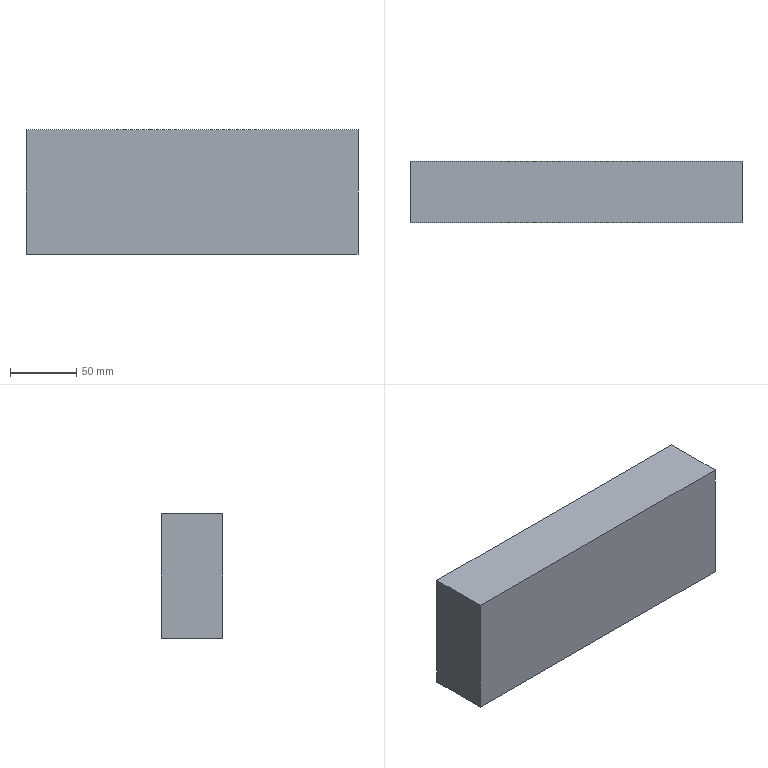Component | SolidWorks | FixedFrame-1 | 1 solid | 22 faces | box 250 x 46.3 x 93.8 mm | volume 1084835 mm3 | plane 14 | cylinder 8 | commonest cylinder face diameters 5 x8
build123d program:
from build123d import *

# Parameters (mm, degrees)
SKETCH2_2_W         = 250
SKETCH2_2_H         = 93.801
BOSS_EXTRUDE1_DEPTH = 44
MOVE_FACE1_BY       = 2.3
SKETCH1_R           = 2.5
CUT_EXTRUDE1_DEPTH  = 8
SKETCH2_W           = 22
SKETCH2_H           = 11
CUT_EXTRUDE2_DEPTH  = 1.5


with BuildPart() as part:
    # Sketch2_2 → Boss-Extrude1 (new body)
    with BuildSketch(Plane.XY):
        with Locations((0, 780.702)):
            Rectangle(SKETCH2_2_W, SKETCH2_2_H)
    extrude(amount=BOSS_EXTRUDE1_DEPTH)

    # Move Face1: a face moved outward by 2.3
    extrude(part.faces().sort_by_distance((0, 780.702, 44))[0], amount=MOVE_FACE1_BY, dir=(0, 0, 1))

    # Sketch1 → Cut-Extrude1 (cut)
    with BuildSketch(Plane.XY.offset(46.3)):
        with Locations((31.25, 802.301)):
            Circle(SKETCH1_R)
        with Locations((31.25, 752.301)):
            Circle(SKETCH1_R)
        with Locations((-31.25, 752.301)):
            Circle(SKETCH1_R)
        with Locations((-31.25, 802.301)):
            Circle(SKETCH1_R)
    extrude(amount=-CUT_EXTRUDE1_DEPTH, mode=Mode.SUBTRACT)

    # Sketch2 → Cut-Extrude2 (cut)
    with BuildSketch(Plane.XY.offset(46.3)):
        with Locations((0, 824.5)):
            Rectangle(SKETCH2_W, SKETCH2_H)
    extrude(amount=-CUT_EXTRUDE2_DEPTH, mode=Mode.SUBTRACT)


solid = part.part

# Placed as in the assembly
solid = solid.moved(Location((0, -295.035, 48), (-90, 0, 0)))
STEP:
#1=CARTESIAN_POINT('',(-1.329,-10.108,-29.697));
#2=VERTEX_POINT('',#1);
#3=CARTESIAN_POINT('',(-1.132,-10.108,-29.697));
#4=VERTEX_POINT('',#3);
#5=CARTESIAN_POINT('',(-1.23,-10.108,-29.697));
#6=DIRECTION('',(0.,1.,0.));
#7=DIRECTION('',(1.,0.,0.));
#8=AXIS2_PLACEMENT_3D('',#5,#6,#7);
#9=CIRCLE('',#8,0.09843);
#10=EDGE_CURVE('',#2,#4,#9,.T.);
#11=ORIENTED_EDGE('',*,*,#10,.F.);
#12=CARTESIAN_POINT('',(-1.329,-9.793,-29.697));
#13=VERTEX_POINT('',#12);
#14=CARTESIAN_POINT('',(-1.329,-10.108,-29.697));
#15=DIRECTION('',(0.,1.,0.));
#16=VECTOR('',#15,39.37);
#17=LINE('',#14,#16);
#18=EDGE_CURVE('',#2,#13,#17,.T.);
#19=ORIENTED_EDGE('',*,*,#18,.T.);
#20=CARTESIAN_POINT('',(-1.132,-9.793,-29.697));
#21=VERTEX_POINT('',#20);
#22=CARTESIAN_POINT('',(-1.23,-9.793,-29.697));
#23=DIRECTION('',(0.,1.,0.));
#24=DIRECTION('',(1.,0.,0.));
#25=AXIS2_PLACEMENT_3D('',#22,#23,#24);
#26=CIRCLE('',#25,0.09843);
#27=EDGE_CURVE('',#13,#21,#26,.T.);
#28=ORIENTED_EDGE('',*,*,#27,.T.);
#29=CARTESIAN_POINT('',(-1.132,-10.108,-29.697));
#30=DIRECTION('',(0.,1.,0.));
#31=VECTOR('',#30,39.37);
#32=LINE('',#29,#31);
#33=EDGE_CURVE('',#4,#21,#32,.T.);
#34=ORIENTED_EDGE('',*,*,#33,.F.);
#35=EDGE_LOOP('',(#11,#19,#28,#34));
#36=FACE_OUTER_BOUND('',#35,.T.);
#37=CARTESIAN_POINT('',(-1.23,-10.108,-29.697));
#38=DIRECTION('',(0.,1.,0.));
#39=DIRECTION('',(1.,0.,0.));
#40=AXIS2_PLACEMENT_3D('',#37,#38,#39);
#41=CYLINDRICAL_SURFACE('',#40,0.09843);
#42=ADVANCED_FACE('',(#36),#41,.F.);
#43=CARTESIAN_POINT('',(-1.329,-10.108,-27.728));
#44=VERTEX_POINT('',#43);
#45=CARTESIAN_POINT('',(-1.132,-10.108,-27.728));
#46=VERTEX_POINT('',#45);
#47=CARTESIAN_POINT('',(-1.23,-10.108,-27.728));
#48=DIRECTION('',(0.,1.,0.));
#49=DIRECTION('',(1.,0.,0.));
#50=AXIS2_PLACEMENT_3D('',#47,#48,#49);
#51=CIRCLE('',#50,0.09843);
#52=EDGE_CURVE('',#44,#46,#51,.T.);
#53=ORIENTED_EDGE('',*,*,#52,.F.);
#54=CARTESIAN_POINT('',(-1.329,-9.793,-27.728));
#55=VERTEX_POINT('',#54);
#56=CARTESIAN_POINT('',(-1.329,-10.108,-27.728));
#57=DIRECTION('',(0.,1.,0.));
#58=VECTOR('',#57,39.37);
#59=LINE('',#56,#58);
#60=EDGE_CURVE('',#44,#55,#59,.T.);
#61=ORIENTED_EDGE('',*,*,#60,.T.);
#62=CARTESIAN_POINT('',(-1.132,-9.793,-27.728));
#63=VERTEX_POINT('',#62);
#64=CARTESIAN_POINT('',(-1.23,-9.793,-27.728));
#65=DIRECTION('',(0.,1.,0.));
#66=DIRECTION('',(1.,0.,0.));
#67=AXIS2_PLACEMENT_3D('',#64,#65,#66);
#68=CIRCLE('',#67,0.09843);
#69=EDGE_CURVE('',#55,#63,#68,.T.);
#70=ORIENTED_EDGE('',*,*,#69,.T.);
#71=CARTESIAN_POINT('',(-1.132,-10.108,-27.728));
#72=DIRECTION('',(0.,1.,0.));
#73=VECTOR('',#72,39.37);
#74=LINE('',#71,#73);
#75=EDGE_CURVE('',#46,#63,#74,.T.);
#76=ORIENTED_EDGE('',*,*,#75,.F.);
#77=EDGE_LOOP('',(#53,#61,#70,#76));
#78=FACE_OUTER_BOUND('',#77,.T.);
#79=CARTESIAN_POINT('',(-1.23,-10.108,-27.728));
#80=DIRECTION('',(0.,1.,0.));
#81=DIRECTION('',(1.,0.,0.));
#82=AXIS2_PLACEMENT_3D('',#79,#80,#81);
#83=CYLINDRICAL_SURFACE('',#82,0.09843);
#84=ADVANCED_FACE('',(#78),#83,.F.);
#85=CARTESIAN_POINT('',(1.132,-10.108,-27.728));
#86=VERTEX_POINT('',#85);
#87=CARTESIAN_POINT('',(1.329,-10.108,-27.728));
#88=VERTEX_POINT('',#87);
#89=CARTESIAN_POINT('',(1.23,-10.108,-27.728));
#90=DIRECTION('',(0.,1.,0.));
#91=DIRECTION('',(1.,0.,0.));
#92=AXIS2_PLACEMENT_3D('',#89,#90,#91);
#93=CIRCLE('',#92,0.09843);
#94=EDGE_CURVE('',#86,#88,#93,.T.);
#95=ORIENTED_EDGE('',*,*,#94,.F.);
#96=CARTESIAN_POINT('',(1.132,-9.793,-27.728));
#97=VERTEX_POINT('',#96);
#98=CARTESIAN_POINT('',(1.132,-10.108,-27.728));
#99=DIRECTION('',(0.,1.,0.));
#100=VECTOR('',#99,39.37);
#101=LINE('',#98,#100);
#102=EDGE_CURVE('',#86,#97,#101,.T.);
#103=ORIENTED_EDGE('',*,*,#102,.T.);
#104=CARTESIAN_POINT('',(1.329,-9.793,-27.728));
#105=VERTEX_POINT('',#104);
#106=CARTESIAN_POINT('',(1.23,-9.793,-27.728));
#107=DIRECTION('',(0.,1.,0.));
#108=DIRECTION('',(1.,0.,0.));
#109=AXIS2_PLACEMENT_3D('',#106,#107,#108);
#110=CIRCLE('',#109,0.09843);
#111=EDGE_CURVE('',#97,#105,#110,.T.);
#112=ORIENTED_EDGE('',*,*,#111,.T.);
#113=CARTESIAN_POINT('',(1.329,-10.108,-27.728));
#114=DIRECTION('',(0.,1.,0.));
#115=VECTOR('',#114,39.37);
#116=LINE('',#113,#115);
#117=EDGE_CURVE('',#88,#105,#116,.T.);
#118=ORIENTED_EDGE('',*,*,#117,.F.);
#119=EDGE_LOOP('',(#95,#103,#112,#118));
#120=FACE_OUTER_BOUND('',#119,.T.);
#121=CARTESIAN_POINT('',(1.23,-10.108,-27.728));
#122=DIRECTION('',(0.,1.,0.));
#123=DIRECTION('',(1.,0.,0.));
#124=AXIS2_PLACEMENT_3D('',#121,#122,#123);
#125=CYLINDRICAL_SURFACE('',#124,0.09843);
#126=ADVANCED_FACE('',(#120),#125,.F.);
#127=CARTESIAN_POINT('',(1.132,-10.108,-29.697));
#128=VERTEX_POINT('',#127);
#129=CARTESIAN_POINT('',(1.329,-10.108,-29.697));
#130=VERTEX_POINT('',#129);
#131=CARTESIAN_POINT('',(1.23,-10.108,-29.697));
#132=DIRECTION('',(0.,1.,0.));
#133=DIRECTION('',(1.,0.,0.));
#134=AXIS2_PLACEMENT_3D('',#131,#132,#133);
#135=CIRCLE('',#134,0.09843);
#136=EDGE_CURVE('',#128,#130,#135,.T.);
#137=ORIENTED_EDGE('',*,*,#136,.F.);
#138=CARTESIAN_POINT('',(1.132,-9.793,-29.697));
#139=VERTEX_POINT('',#138);
#140=CARTESIAN_POINT('',(1.132,-10.108,-29.697));
#141=DIRECTION('',(0.,1.,0.));
#142=VECTOR('',#141,39.37);
#143=LINE('',#140,#142);
#144=EDGE_CURVE('',#128,#139,#143,.T.);
#145=ORIENTED_EDGE('',*,*,#144,.T.);
#146=CARTESIAN_POINT('',(1.329,-9.793,-29.697));
#147=VERTEX_POINT('',#146);
#148=CARTESIAN_POINT('',(1.23,-9.793,-29.697));
#149=DIRECTION('',(0.,1.,0.));
#150=DIRECTION('',(1.,0.,0.));
#151=AXIS2_PLACEMENT_3D('',#148,#149,#150);
#152=CIRCLE('',#151,0.09843);
#153=EDGE_CURVE('',#139,#147,#152,.T.);
#154=ORIENTED_EDGE('',*,*,#153,.T.);
#155=CARTESIAN_POINT('',(1.329,-10.108,-29.697));
#156=DIRECTION('',(0.,1.,0.));
#157=VECTOR('',#156,39.37);
#158=LINE('',#155,#157);
#159=EDGE_CURVE('',#130,#147,#158,.T.);
#160=ORIENTED_EDGE('',*,*,#159,.F.);
#161=EDGE_LOOP('',(#137,#145,#154,#160));
#162=FACE_OUTER_BOUND('',#161,.T.);
#163=CARTESIAN_POINT('',(1.23,-10.108,-29.697));
#164=DIRECTION('',(0.,1.,0.));
#165=DIRECTION('',(1.,0.,0.));
#166=AXIS2_PLACEMENT_3D('',#163,#164,#165);
#167=CYLINDRICAL_SURFACE('',#166,0.09843);
#168=ADVANCED_FACE('',(#162),#167,.F.);
#169=CARTESIAN_POINT('',(4.921,-11.616,-27.));
#170=VERTEX_POINT('',#169);
#171=CARTESIAN_POINT('',(4.921,-11.616,-30.693));
#172=VERTEX_POINT('',#171);
#173=CARTESIAN_POINT('',(4.921,-11.616,-27.));
#174=DIRECTION('',(0.,0.,-1.));
#175=VECTOR('',#174,39.37);
#176=LINE('',#173,#175);
#177=EDGE_CURVE('',#170,#172,#176,.T.);
#178=ORIENTED_EDGE('',*,*,#177,.T.);
#179=CARTESIAN_POINT('',(4.921,-9.793,-30.693));
#180=VERTEX_POINT('',#179);
#181=CARTESIAN_POINT('',(4.921,-9.883,-30.693));
#182=DIRECTION('',(0.,-1.,0.));
#183=VECTOR('',#182,39.37);
#184=LINE('',#181,#183);
#185=EDGE_CURVE('',#180,#172,#184,.T.);
#186=ORIENTED_EDGE('',*,*,#185,.F.);
#187=CARTESIAN_POINT('',(4.921,-9.793,-27.));
#188=VERTEX_POINT('',#187);
#189=CARTESIAN_POINT('',(4.921,-9.793,-27.));
#190=DIRECTION('',(0.,0.,-1.));
#191=VECTOR('',#190,39.37);
#192=LINE('',#189,#191);
#193=EDGE_CURVE('',#188,#180,#192,.T.);
#194=ORIENTED_EDGE('',*,*,#193,.F.);
#195=CARTESIAN_POINT('',(4.921,-9.883,-27.));
#196=DIRECTION('',(0.,-1.,0.));
#197=VECTOR('',#196,39.37);
#198=LINE('',#195,#197);
#199=EDGE_CURVE('',#188,#170,#198,.T.);
#200=ORIENTED_EDGE('',*,*,#199,.T.);
#201=EDGE_LOOP('',(#178,#186,#194,#200));
#202=FACE_OUTER_BOUND('',#201,.T.);
#203=CARTESIAN_POINT('',(4.921,-9.883,-27.));
#204=DIRECTION('',(-1.,0.,0.));
#205=DIRECTION('',(0.,1.,0.));
#206=AXIS2_PLACEMENT_3D('',#203,#204,#205);
#207=PLANE('',#206);
#208=ADVANCED_FACE('',(#202),#207,.F.);
#209=CARTESIAN_POINT('',(-0.4331,-9.793,-30.693));
#210=VERTEX_POINT('',#209);
#211=CARTESIAN_POINT('',(-4.921,-9.793,-30.693));
#212=VERTEX_POINT('',#211);
#213=CARTESIAN_POINT('',(4.921,-9.793,-30.693));
#214=DIRECTION('',(-1.,0.,0.));
#215=VECTOR('',#214,39.37);
#216=LINE('',#213,#215);
#217=EDGE_CURVE('',#210,#212,#216,.T.);
#218=ORIENTED_EDGE('',*,*,#217,.F.);
#219=CARTESIAN_POINT('',(-0.4331,-9.852,-30.693));
#220=VERTEX_POINT('',#219);
#221=CARTESIAN_POINT('',(-0.4331,-9.883,-30.693));
#222=DIRECTION('',(0.,-1.,0.));
#223=VECTOR('',#222,39.37);
#224=LINE('',#221,#223);
#225=EDGE_CURVE('',#210,#220,#224,.T.);
#226=ORIENTED_EDGE('',*,*,#225,.T.);
#227=CARTESIAN_POINT('',(0.4331,-9.852,-30.693));
#228=VERTEX_POINT('',#227);
#229=CARTESIAN_POINT('',(4.921,-9.852,-30.693));
#230=DIRECTION('',(1.,0.,0.));
#231=VECTOR('',#230,39.37);
#232=LINE('',#229,#231);
#233=EDGE_CURVE('',#220,#228,#232,.T.);
#234=ORIENTED_EDGE('',*,*,#233,.T.);
#235=CARTESIAN_POINT('',(0.4331,-9.793,-30.693));
#236=VERTEX_POINT('',#235);
#237=CARTESIAN_POINT('',(0.4331,-9.883,-30.693));
#238=DIRECTION('',(0.,1.,0.));
#239=VECTOR('',#238,39.37);
#240=LINE('',#237,#239);
#241=EDGE_CURVE('',#228,#236,#240,.T.);
#242=ORIENTED_EDGE('',*,*,#241,.T.);
#243=CARTESIAN_POINT('',(4.921,-9.793,-30.693));
#244=DIRECTION('',(-1.,0.,0.));
#245=VECTOR('',#244,39.37);
#246=LINE('',#243,#245);
#247=EDGE_CURVE('',#180,#236,#246,.T.);
#248=ORIENTED_EDGE('',*,*,#247,.F.);
#249=ORIENTED_EDGE('',*,*,#185,.T.);
#250=CARTESIAN_POINT('',(-4.921,-11.616,-30.693));
#251=VERTEX_POINT('',#250);
#252=CARTESIAN_POINT('',(4.921,-11.616,-30.693));
#253=DIRECTION('',(-1.,0.,0.));
#254=VECTOR('',#253,39.37);
#255=LINE('',#252,#254);
#256=EDGE_CURVE('',#172,#251,#255,.T.);
#257=ORIENTED_EDGE('',*,*,#256,.T.);
#258=CARTESIAN_POINT('',(-4.921,-9.883,-30.693));
#259=DIRECTION('',(0.,-1.,0.));
#260=VECTOR('',#259,39.37);
#261=LINE('',#258,#260);
#262=EDGE_CURVE('',#212,#251,#261,.T.);
#263=ORIENTED_EDGE('',*,*,#262,.F.);
#264=EDGE_LOOP('',(#218,#226,#234,#242,#248,#249,#257,#263));
#265=FACE_OUTER_BOUND('',#264,.T.);
#266=CARTESIAN_POINT('',(4.921,-9.883,-30.693));
#267=DIRECTION('',(0.,0.,1.));
#268=DIRECTION('',(0.,-1.,0.));
#269=AXIS2_PLACEMENT_3D('',#266,#267,#268);
#270=PLANE('',#269);
#271=ADVANCED_FACE('',(#265),#270,.F.);
#272=CARTESIAN_POINT('',(-4.921,-11.616,-27.));
#273=VERTEX_POINT('',#272);
#274=CARTESIAN_POINT('',(-4.921,-11.616,-27.));
#275=DIRECTION('',(0.,0.,1.));
#276=VECTOR('',#275,39.37);
#277=LINE('',#274,#276);
#278=EDGE_CURVE('',#251,#273,#277,.T.);
#279=ORIENTED_EDGE('',*,*,#278,.T.);
#280=CARTESIAN_POINT('',(-4.921,-9.793,-27.));
#281=VERTEX_POINT('',#280);
#282=CARTESIAN_POINT('',(-4.921,-9.883,-27.));
#283=DIRECTION('',(0.,-1.,0.));
#284=VECTOR('',#283,39.37);
#285=LINE('',#282,#284);
#286=EDGE_CURVE('',#281,#273,#285,.T.);
#287=ORIENTED_EDGE('',*,*,#286,.F.);
#288=CARTESIAN_POINT('',(-4.921,-9.793,-27.));
#289=DIRECTION('',(0.,0.,1.));
#290=VECTOR('',#289,39.37);
#291=LINE('',#288,#290);
#292=EDGE_CURVE('',#212,#281,#291,.T.);
#293=ORIENTED_EDGE('',*,*,#292,.F.);
#294=ORIENTED_EDGE('',*,*,#262,.T.);
#295=EDGE_LOOP('',(#279,#287,#293,#294));
#296=FACE_OUTER_BOUND('',#295,.T.);
#297=CARTESIAN_POINT('',(-4.921,-9.883,-27.));
#298=DIRECTION('',(1.,0.,0.));
#299=DIRECTION('',(0.,-1.,0.));
#300=AXIS2_PLACEMENT_3D('',#297,#298,#299);
#301=PLANE('',#300);
#302=ADVANCED_FACE('',(#296),#301,.F.);
#303=CARTESIAN_POINT('',(4.921,-11.616,-27.));
#304=DIRECTION('',(1.,0.,0.));
#305=VECTOR('',#304,39.37);
#306=LINE('',#303,#305);
#307=EDGE_CURVE('',#273,#170,#306,.T.);
#308=ORIENTED_EDGE('',*,*,#307,.T.);
#309=ORIENTED_EDGE('',*,*,#199,.F.);
#310=CARTESIAN_POINT('',(4.921,-9.793,-27.));
#311=DIRECTION('',(1.,0.,0.));
#312=VECTOR('',#311,39.37);
#313=LINE('',#310,#312);
#314=EDGE_CURVE('',#281,#188,#313,.T.);
#315=ORIENTED_EDGE('',*,*,#314,.F.);
#316=ORIENTED_EDGE('',*,*,#286,.T.);
#317=EDGE_LOOP('',(#308,#309,#315,#316));
#318=FACE_OUTER_BOUND('',#317,.T.);
#319=CARTESIAN_POINT('',(4.921,-9.883,-27.));
#320=DIRECTION('',(0.,0.,-1.));
#321=DIRECTION('',(0.,1.,0.));
#322=AXIS2_PLACEMENT_3D('',#319,#320,#321);
#323=PLANE('',#322);
#324=ADVANCED_FACE('',(#318),#323,.F.);
#325=CARTESIAN_POINT('',(-0.4331,-9.793,-30.354));
#326=VERTEX_POINT('',#325);
#327=CARTESIAN_POINT('',(-0.4331,-9.793,-30.354));
#328=DIRECTION('',(0.,0.,1.));
#329=VECTOR('',#328,39.37);
#330=LINE('',#327,#329);
#331=EDGE_CURVE('',#210,#326,#330,.T.);
#332=ORIENTED_EDGE('',*,*,#331,.F.);
#333=ORIENTED_EDGE('',*,*,#217,.T.);
#334=ORIENTED_EDGE('',*,*,#292,.T.);
#335=ORIENTED_EDGE('',*,*,#314,.T.);
#336=ORIENTED_EDGE('',*,*,#193,.T.);
#337=ORIENTED_EDGE('',*,*,#247,.T.);
#338=CARTESIAN_POINT('',(0.4331,-9.793,-30.354));
#339=VERTEX_POINT('',#338);
#340=CARTESIAN_POINT('',(0.4331,-9.793,-30.354));
#341=DIRECTION('',(0.,0.,-1.));
#342=VECTOR('',#341,39.37);
#343=LINE('',#340,#342);
#344=EDGE_CURVE('',#339,#236,#343,.T.);
#345=ORIENTED_EDGE('',*,*,#344,.F.);
#346=CARTESIAN_POINT('',(-0.4331,-9.793,-30.354));
#347=DIRECTION('',(1.,0.,0.));
#348=VECTOR('',#347,39.37);
#349=LINE('',#346,#348);
#350=EDGE_CURVE('',#326,#339,#349,.T.);
#351=ORIENTED_EDGE('',*,*,#350,.F.);
#352=EDGE_LOOP('',(#332,#333,#334,#335,#336,#337,#345,#351));
#353=FACE_OUTER_BOUND('',#352,.T.);
#354=CARTESIAN_POINT('',(-1.23,-9.793,-29.697));
#355=DIRECTION('',(0.,1.,0.));
#356=DIRECTION('',(1.,0.,0.));
#357=AXIS2_PLACEMENT_3D('',#354,#355,#356);
#358=CIRCLE('',#357,0.09843);
#359=EDGE_CURVE('',#21,#13,#358,.T.);
#360=ORIENTED_EDGE('',*,*,#359,.F.);
#361=ORIENTED_EDGE('',*,*,#27,.F.);
#362=EDGE_LOOP('',(#360,#361));
#363=FACE_BOUND('',#362,.T.);
#364=CARTESIAN_POINT('',(-1.23,-9.793,-27.728));
#365=DIRECTION('',(0.,1.,0.));
#366=DIRECTION('',(1.,0.,0.));
#367=AXIS2_PLACEMENT_3D('',#364,#365,#366);
#368=CIRCLE('',#367,0.09843);
#369=EDGE_CURVE('',#63,#55,#368,.T.);
#370=ORIENTED_EDGE('',*,*,#369,.F.);
#371=ORIENTED_EDGE('',*,*,#69,.F.);
#372=EDGE_LOOP('',(#370,#371));
#373=FACE_BOUND('',#372,.T.);
#374=CARTESIAN_POINT('',(1.23,-9.793,-27.728));
#375=DIRECTION('',(0.,1.,0.));
#376=DIRECTION('',(1.,0.,0.));
#377=AXIS2_PLACEMENT_3D('',#374,#375,#376);
#378=CIRCLE('',#377,0.09843);
#379=EDGE_CURVE('',#105,#97,#378,.T.);
#380=ORIENTED_EDGE('',*,*,#379,.F.);
#381=ORIENTED_EDGE('',*,*,#111,.F.);
#382=EDGE_LOOP('',(#380,#381));
#383=FACE_BOUND('',#382,.T.);
#384=CARTESIAN_POINT('',(1.23,-9.793,-29.697));
#385=DIRECTION('',(0.,1.,0.));
#386=DIRECTION('',(1.,0.,0.));
#387=AXIS2_PLACEMENT_3D('',#384,#385,#386);
#388=CIRCLE('',#387,0.09843);
#389=EDGE_CURVE('',#147,#139,#388,.T.);
#390=ORIENTED_EDGE('',*,*,#389,.F.);
#391=ORIENTED_EDGE('',*,*,#153,.F.);
#392=EDGE_LOOP('',(#390,#391));
#393=FACE_BOUND('',#392,.T.);
#394=CARTESIAN_POINT('',(0.,-9.793,1.89));
#395=DIRECTION('',(0.,1.,0.));
#396=DIRECTION('',(1.,0.,0.));
#397=AXIS2_PLACEMENT_3D('',#394,#395,#396);
#398=PLANE('',#397);
#399=ADVANCED_FACE('',(#353,#363,#373,#383,#393),#398,.T.);
#400=ORIENTED_EDGE('',*,*,#177,.F.);
#401=ORIENTED_EDGE('',*,*,#307,.F.);
#402=ORIENTED_EDGE('',*,*,#278,.F.);
#403=ORIENTED_EDGE('',*,*,#256,.F.);
#404=EDGE_LOOP('',(#400,#401,#402,#403));
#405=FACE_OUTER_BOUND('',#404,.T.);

◆ ◆ ◆

[Required action] Only one part of the material above is to be transcribed, namely the lines starting with the line that has "#212=VERTEX_POINT('',#211);" and going on through the line that has "#227=CARTESIAN_POINT('',(0.4331,-9.852,-30.693));", exactly as they stand.

[Your solution]
#212=VERTEX_POINT('',#211);
#213=CARTESIAN_POINT('',(4.921,-9.793,-30.693));
#214=DIRECTION('',(-1.,0.,0.));
#215=VECTOR('',#214,39.37);
#216=LINE('',#213,#215);
#217=EDGE_CURVE('',#210,#212,#216,.T.);
#218=ORIENTED_EDGE('',*,*,#217,.F.);
#219=CARTESIAN_POINT('',(-0.4331,-9.852,-30.693));
#220=VERTEX_POINT('',#219);
#221=CARTESIAN_POINT('',(-0.4331,-9.883,-30.693));
#222=DIRECTION('',(0.,-1.,0.));
#223=VECTOR('',#222,39.37);
#224=LINE('',#221,#223);
#225=EDGE_CURVE('',#210,#220,#224,.T.);
#226=ORIENTED_EDGE('',*,*,#225,.T.);
#227=CARTESIAN_POINT('',(0.4331,-9.852,-30.693));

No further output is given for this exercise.